- **Problem to solve**
All that is wanted is an exact copy of the lines below, starting at the one that contains "#181=SURFACE_STYLE_USAGE(.BOTH.,#180);" and running to the end.

- **Available records**
^^^^^^^^^^^^^^^^

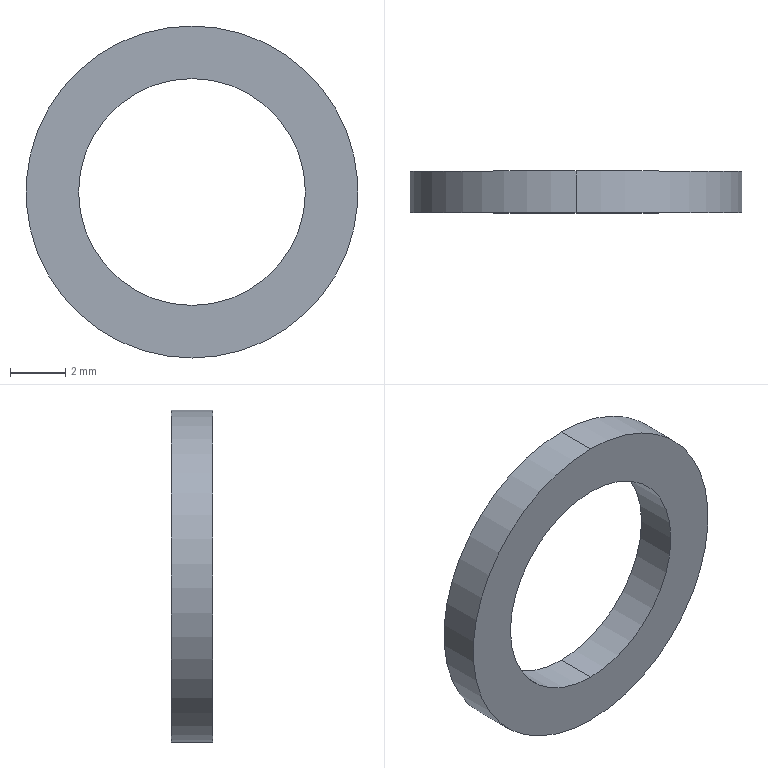Component | SolidWorks | 04LowerMaterialReceivingSwingAngleAssembly(3920)-1_H2020022-0405-1-11 | 1 solid | 6 faces | box 12 x 1.5 x 12 mm | volume 90 mm3 | cylinder 4 | plane 2 | commonest cylinder face diameters 8.2 x2 12 x2 | material Stainless Steel304
build123d program:
from build123d import *

# Parameters (mm, degrees)
SKETCH1_R           = 6
SKETCH1_R_2         = 4.1
BOSS_EXTRUDE1_DEPTH = 1.5


with BuildPart() as part:
    # Sketch1 → Boss-Extrude1 (new body)
    with BuildSketch(Plane(origin=(0, 0, 0), x_dir=(1, 0, 0), z_dir=(0, 1, 0))):
        with Locations(Location((0, 0, 0), (0, 0, 270))):
            Circle(SKETCH1_R)
        with Locations(Location((0, 0, 0), (0, 0, 270))):
            Circle(SKETCH1_R_2, mode=Mode.SUBTRACT)
    extrude(amount=BOSS_EXTRUDE1_DEPTH)


solid = part.part

# Placed as in the assembly
solid = solid.moved(Location((-123.964, 171.813, 280.197), (0, 0, 0)))
STEP:
#1=CARTESIAN_POINT('',(-4.88,6.823,10.87));
#2=VERTEX_POINT('',#1);
#3=CARTESIAN_POINT('',(-4.88,6.823,11.193));
#4=VERTEX_POINT('',#3);
#5=CARTESIAN_POINT('',(-4.88,6.823,11.031));
#6=DIRECTION('',(0.,1.,0.));
#7=DIRECTION('',(0.,0.,1.));
#8=AXIS2_PLACEMENT_3D('',#5,#6,#7);
#9=CIRCLE('',#8,0.1614);
#10=EDGE_CURVE('',#2,#4,#9,.T.);
#11=ORIENTED_EDGE('',*,*,#10,.T.);
#12=CARTESIAN_POINT('',(-4.88,6.764,11.193));
#13=VERTEX_POINT('',#12);
#14=CARTESIAN_POINT('',(-4.88,6.823,11.193));
#15=DIRECTION('',(0.,-1.,0.));
#16=VECTOR('',#15,39.37);
#17=LINE('',#14,#16);
#18=EDGE_CURVE('',#4,#13,#17,.T.);
#19=ORIENTED_EDGE('',*,*,#18,.T.);
#20=CARTESIAN_POINT('',(-4.88,6.764,10.87));
#21=VERTEX_POINT('',#20);
#22=CARTESIAN_POINT('',(-4.88,6.764,11.031));
#23=DIRECTION('',(0.,1.,0.));
#24=DIRECTION('',(0.,0.,1.));
#25=AXIS2_PLACEMENT_3D('',#22,#23,#24);
#26=CIRCLE('',#25,0.1614);
#27=EDGE_CURVE('',#21,#13,#26,.T.);
#28=ORIENTED_EDGE('',*,*,#27,.F.);
#29=CARTESIAN_POINT('',(-4.88,6.823,10.87));
#30=DIRECTION('',(0.,-1.,0.));
#31=VECTOR('',#30,39.37);
#32=LINE('',#29,#31);
#33=EDGE_CURVE('',#2,#21,#32,.T.);
#34=ORIENTED_EDGE('',*,*,#33,.F.);
#35=EDGE_LOOP('',(#11,#19,#28,#34));
#36=FACE_OUTER_BOUND('',#35,.T.);
#37=CARTESIAN_POINT('',(-4.88,6.823,11.031));
#38=DIRECTION('',(0.,-1.,0.));
#39=DIRECTION('',(0.,0.,-1.));
#40=AXIS2_PLACEMENT_3D('',#37,#38,#39);
#41=CYLINDRICAL_SURFACE('',#40,0.1614);
#42=ADVANCED_FACE('',(#36),#41,.F.);
#43=CARTESIAN_POINT('',(-4.88,6.823,11.268));
#44=VERTEX_POINT('',#43);
#45=CARTESIAN_POINT('',(-4.88,6.823,10.795));
#46=VERTEX_POINT('',#45);
#47=CARTESIAN_POINT('',(-4.88,6.823,11.031));
#48=DIRECTION('',(0.,1.,0.));
#49=DIRECTION('',(0.,0.,1.));
#50=AXIS2_PLACEMENT_3D('',#47,#48,#49);
#51=CIRCLE('',#50,0.2362);
#52=EDGE_CURVE('',#44,#46,#51,.T.);
#53=ORIENTED_EDGE('',*,*,#52,.F.);
#54=CARTESIAN_POINT('',(-4.88,6.764,11.268));
#55=VERTEX_POINT('',#54);
#56=CARTESIAN_POINT('',(-4.88,6.823,11.268));
#57=DIRECTION('',(0.,-1.,0.));
#58=VECTOR('',#57,39.37);
#59=LINE('',#56,#58);
#60=EDGE_CURVE('',#44,#55,#59,.T.);
#61=ORIENTED_EDGE('',*,*,#60,.T.);
#62=CARTESIAN_POINT('',(-4.88,6.764,10.795));
#63=VERTEX_POINT('',#62);
#64=CARTESIAN_POINT('',(-4.88,6.764,11.031));
#65=DIRECTION('',(0.,1.,0.));
#66=DIRECTION('',(0.,0.,1.));
#67=AXIS2_PLACEMENT_3D('',#64,#65,#66);
#68=CIRCLE('',#67,0.2362);
#69=EDGE_CURVE('',#55,#63,#68,.T.);
#70=ORIENTED_EDGE('',*,*,#69,.T.);
#71=CARTESIAN_POINT('',(-4.88,6.823,10.795));
#72=DIRECTION('',(0.,-1.,0.));
#73=VECTOR('',#72,39.37);
#74=LINE('',#71,#73);
#75=EDGE_CURVE('',#46,#63,#74,.T.);
#76=ORIENTED_EDGE('',*,*,#75,.F.);
#77=EDGE_LOOP('',(#53,#61,#70,#76));
#78=FACE_OUTER_BOUND('',#77,.T.);
#79=CARTESIAN_POINT('',(-4.88,6.823,11.031));
#80=DIRECTION('',(0.,-1.,0.));
#81=DIRECTION('',(0.,0.,-1.));
#82=AXIS2_PLACEMENT_3D('',#79,#80,#81);
#83=CYLINDRICAL_SURFACE('',#82,0.2362);
#84=ADVANCED_FACE('',(#78),#83,.T.);
#85=CARTESIAN_POINT('',(-4.88,6.823,11.031));
#86=DIRECTION('',(0.,1.,0.));
#87=DIRECTION('',(0.,0.,1.));
#88=AXIS2_PLACEMENT_3D('',#85,#86,#87);
#89=CIRCLE('',#88,0.2362);
#90=EDGE_CURVE('',#46,#44,#89,.T.);
#91=ORIENTED_EDGE('',*,*,#90,.T.);
#92=ORIENTED_EDGE('',*,*,#52,.T.);
#93=EDGE_LOOP('',(#91,#92));
#94=FACE_OUTER_BOUND('',#93,.T.);
#95=ORIENTED_EDGE('',*,*,#10,.F.);
#96=CARTESIAN_POINT('',(-4.88,6.823,11.031));
#97=DIRECTION('',(0.,1.,0.));
#98=DIRECTION('',(0.,0.,1.));
#99=AXIS2_PLACEMENT_3D('',#96,#97,#98);
#100=CIRCLE('',#99,0.1614);
#101=EDGE_CURVE('',#4,#2,#100,.T.);
#102=ORIENTED_EDGE('',*,*,#101,.F.);
#103=EDGE_LOOP('',(#95,#102));
#104=FACE_BOUND('',#103,.T.);
#105=CARTESIAN_POINT('',(-4.88,6.823,11.031));
#106=DIRECTION('',(0.,1.,0.));
#107=DIRECTION('',(0.,0.,1.));
#108=AXIS2_PLACEMENT_3D('',#105,#106,#107);
#109=PLANE('',#108);
#110=ADVANCED_FACE('',(#94,#104),#109,.T.);
#111=CARTESIAN_POINT('',(-4.88,6.764,11.031));
#112=DIRECTION('',(0.,1.,0.));
#113=DIRECTION('',(0.,0.,1.));
#114=AXIS2_PLACEMENT_3D('',#111,#112,#113);
#115=CIRCLE('',#114,0.2362);
#116=EDGE_CURVE('',#63,#55,#115,.T.);
#117=ORIENTED_EDGE('',*,*,#116,.F.);
#118=ORIENTED_EDGE('',*,*,#69,.F.);
#119=EDGE_LOOP('',(#117,#118));
#120=FACE_OUTER_BOUND('',#119,.T.);
#121=ORIENTED_EDGE('',*,*,#27,.T.);
#122=CARTESIAN_POINT('',(-4.88,6.764,11.031));
#123=DIRECTION('',(0.,1.,0.));
#124=DIRECTION('',(0.,0.,1.));
#125=AXIS2_PLACEMENT_3D('',#122,#123,#124);
#126=CIRCLE('',#125,0.1614);
#127=EDGE_CURVE('',#13,#21,#126,.T.);
#128=ORIENTED_EDGE('',*,*,#127,.T.);
#129=EDGE_LOOP('',(#121,#128));
#130=FACE_BOUND('',#129,.T.);
#131=CARTESIAN_POINT('',(-4.88,6.764,11.031));
#132=DIRECTION('',(0.,1.,0.));
#133=DIRECTION('',(0.,0.,1.));
#134=AXIS2_PLACEMENT_3D('',#131,#132,#133);
#135=PLANE('',#134);
#136=ADVANCED_FACE('',(#120,#130),#135,.F.);
#137=ORIENTED_EDGE('',*,*,#60,.F.);
#138=ORIENTED_EDGE('',*,*,#90,.F.);
#139=ORIENTED_EDGE('',*,*,#75,.T.);
#140=ORIENTED_EDGE('',*,*,#116,.T.);
#141=EDGE_LOOP('',(#137,#138,#139,#140));
#142=FACE_OUTER_BOUND('',#141,.T.);
#143=CARTESIAN_POINT('',(-4.88,6.823,11.031));
#144=DIRECTION('',(0.,-1.,0.));
#145=DIRECTION('',(0.,0.,-1.));
#146=AXIS2_PLACEMENT_3D('',#143,#144,#145);
#147=CYLINDRICAL_SURFACE('',#146,0.2362);
#148=ADVANCED_FACE('',(#142),#147,.T.);
#149=ORIENTED_EDGE('',*,*,#18,.F.);
#150=ORIENTED_EDGE('',*,*,#101,.T.);
#151=ORIENTED_EDGE('',*,*,#33,.T.);
#152=ORIENTED_EDGE('',*,*,#127,.F.);
#153=EDGE_LOOP('',(#149,#150,#151,#152));
#154=FACE_OUTER_BOUND('',#153,.T.);
#155=CARTESIAN_POINT('',(-4.88,6.823,11.031));
#156=DIRECTION('',(0.,-1.,0.));
#157=DIRECTION('',(0.,0.,-1.));
#158=AXIS2_PLACEMENT_3D('',#155,#156,#157);
#159=CYLINDRICAL_SURFACE('',#158,0.1614);
#160=ADVANCED_FACE('',(#154),#159,.F.);
#161=CLOSED_SHELL('',(#42,#84,#110,#136,#148,#160));
#162=MANIFOLD_SOLID_BREP('',#161);
#163=CARTESIAN_POINT('',(0.,0.,0.));
#164=DIRECTION('',(0.,0.,1.));
#165=DIRECTION('',(1.,0.,0.));
#166=AXIS2_PLACEMENT_3D('',#163,#164,#165);
#167=(LENGTH_UNIT()NAMED_UNIT(*)SI_UNIT($,.METRE.));
#168=LENGTH_MEASURE_WITH_UNIT(LENGTH_MEASURE(0.0254),#167);
#169=DIMENSIONAL_EXPONENTS(1.,0.,0.,0.,0.,0.,0.);
#170=(CONVERSION_BASED_UNIT('',#168)LENGTH_UNIT()NAMED_UNIT(#169));
#171=UNCERTAINTY_MEASURE_WITH_UNIT(LENGTH_MEASURE(0.00001),#170,'','');
#172=(NAMED_UNIT(*)PLANE_ANGLE_UNIT()SI_UNIT($,.RADIAN.));
#173=(NAMED_UNIT(*)SI_UNIT($,.STERADIAN.)SOLID_ANGLE_UNIT());
#174=(GEOMETRIC_REPRESENTATION_CONTEXT(3)GLOBAL_UNCERTAINTY_ASSIGNED_CONTEXT((#171))GLOBAL_UNIT_ASSIGNED_CONTEXT((#170,#172,#173))REPRESENTATION_CONTEXT('',''));
#175=ADVANCED_BREP_SHAPE_REPRESENTATION('',(#162,#166),#174);
#176=COLOUR_RGB('',0.7922,0.8196,0.9333);
#177=FILL_AREA_STYLE_COLOUR('',#176);
#178=FILL_AREA_STYLE('',(#177));
#179=SURFACE_STYLE_FILL_AREA(#178);
#180=SURFACE_SIDE_STYLE('',(#179));
#181=SURFACE_STYLE_USAGE(.BOTH.,#180);
#182=PRESENTATION_STYLE_ASSIGNMENT((#181));
#183=STYLED_ITEM('',(#182),#162);
#184=PRESENTATION_LAYER_ASSIGNMENT('','',(#183));
#185=(LENGTH_UNIT()NAMED_UNIT(*)SI_UNIT($,.METRE.));
#186=LENGTH_MEASURE_WITH_UNIT(LENGTH_MEASURE(0.0254),#185);
#187=DIMENSIONAL_EXPONENTS(1.,0.,0.,0.,0.,0.,0.);
#188=(CONVERSION_BASED_UNIT('',#186)LENGTH_UNIT()NAMED_UNIT(#187));
#189=UNCERTAINTY_MEASURE_WITH_UNIT(LENGTH_MEASURE(0.00001),#188,'','');
#190=(NAMED_UNIT(*)PLANE_ANGLE_UNIT()SI_UNIT($,.RADIAN.));
#191=(NAMED_UNIT(*)SI_UNIT($,.STERADIAN.)SOLID_ANGLE_UNIT());
#192=(GEOMETRIC_REPRESENTATION_CONTEXT(3)GLOBAL_UNCERTAINTY_ASSIGNED_CONTEXT((#189))GLOBAL_UNIT_ASSIGNED_CONTEXT((#188,#190,#191))REPRESENTATION_CONTEXT('',''));
#193=MECHANICAL_DESIGN_GEOMETRIC_PRESENTATION_REPRESENTATION('',(#183),#192);

^^^^^^^^^^^^^^^^

- **Written response**
#181=SURFACE_STYLE_USAGE(.BOTH.,#180);
#182=PRESENTATION_STYLE_ASSIGNMENT((#181));
#183=STYLED_ITEM('',(#182),#162);
#184=PRESENTATION_LAYER_ASSIGNMENT('','',(#183));
#185=(LENGTH_UNIT()NAMED_UNIT(*)SI_UNIT($,.METRE.));
#186=LENGTH_MEASURE_WITH_UNIT(LENGTH_MEASURE(0.0254),#185);
#187=DIMENSIONAL_EXPONENTS(1.,0.,0.,0.,0.,0.,0.);
#188=(CONVERSION_BASED_UNIT('',#186)LENGTH_UNIT()NAMED_UNIT(#187));
#189=UNCERTAINTY_MEASURE_WITH_UNIT(LENGTH_MEASURE(0.00001),#188,'','');
#190=(NAMED_UNIT(*)PLANE_ANGLE_UNIT()SI_UNIT($,.RADIAN.));
#191=(NAMED_UNIT(*)SI_UNIT($,.STERADIAN.)SOLID_ANGLE_UNIT());
#192=(GEOMETRIC_REPRESENTATION_CONTEXT(3)GLOBAL_UNCERTAINTY_ASSIGNED_CONTEXT((#189))GLOBAL_UNIT_ASSIGNED_CONTEXT((#188,#190,#191))REPRESENTATION_CONTEXT('',''));
#193=MECHANICAL_DESIGN_GEOMETRIC_PRESENTATION_REPRESENTATION('',(#183),#192);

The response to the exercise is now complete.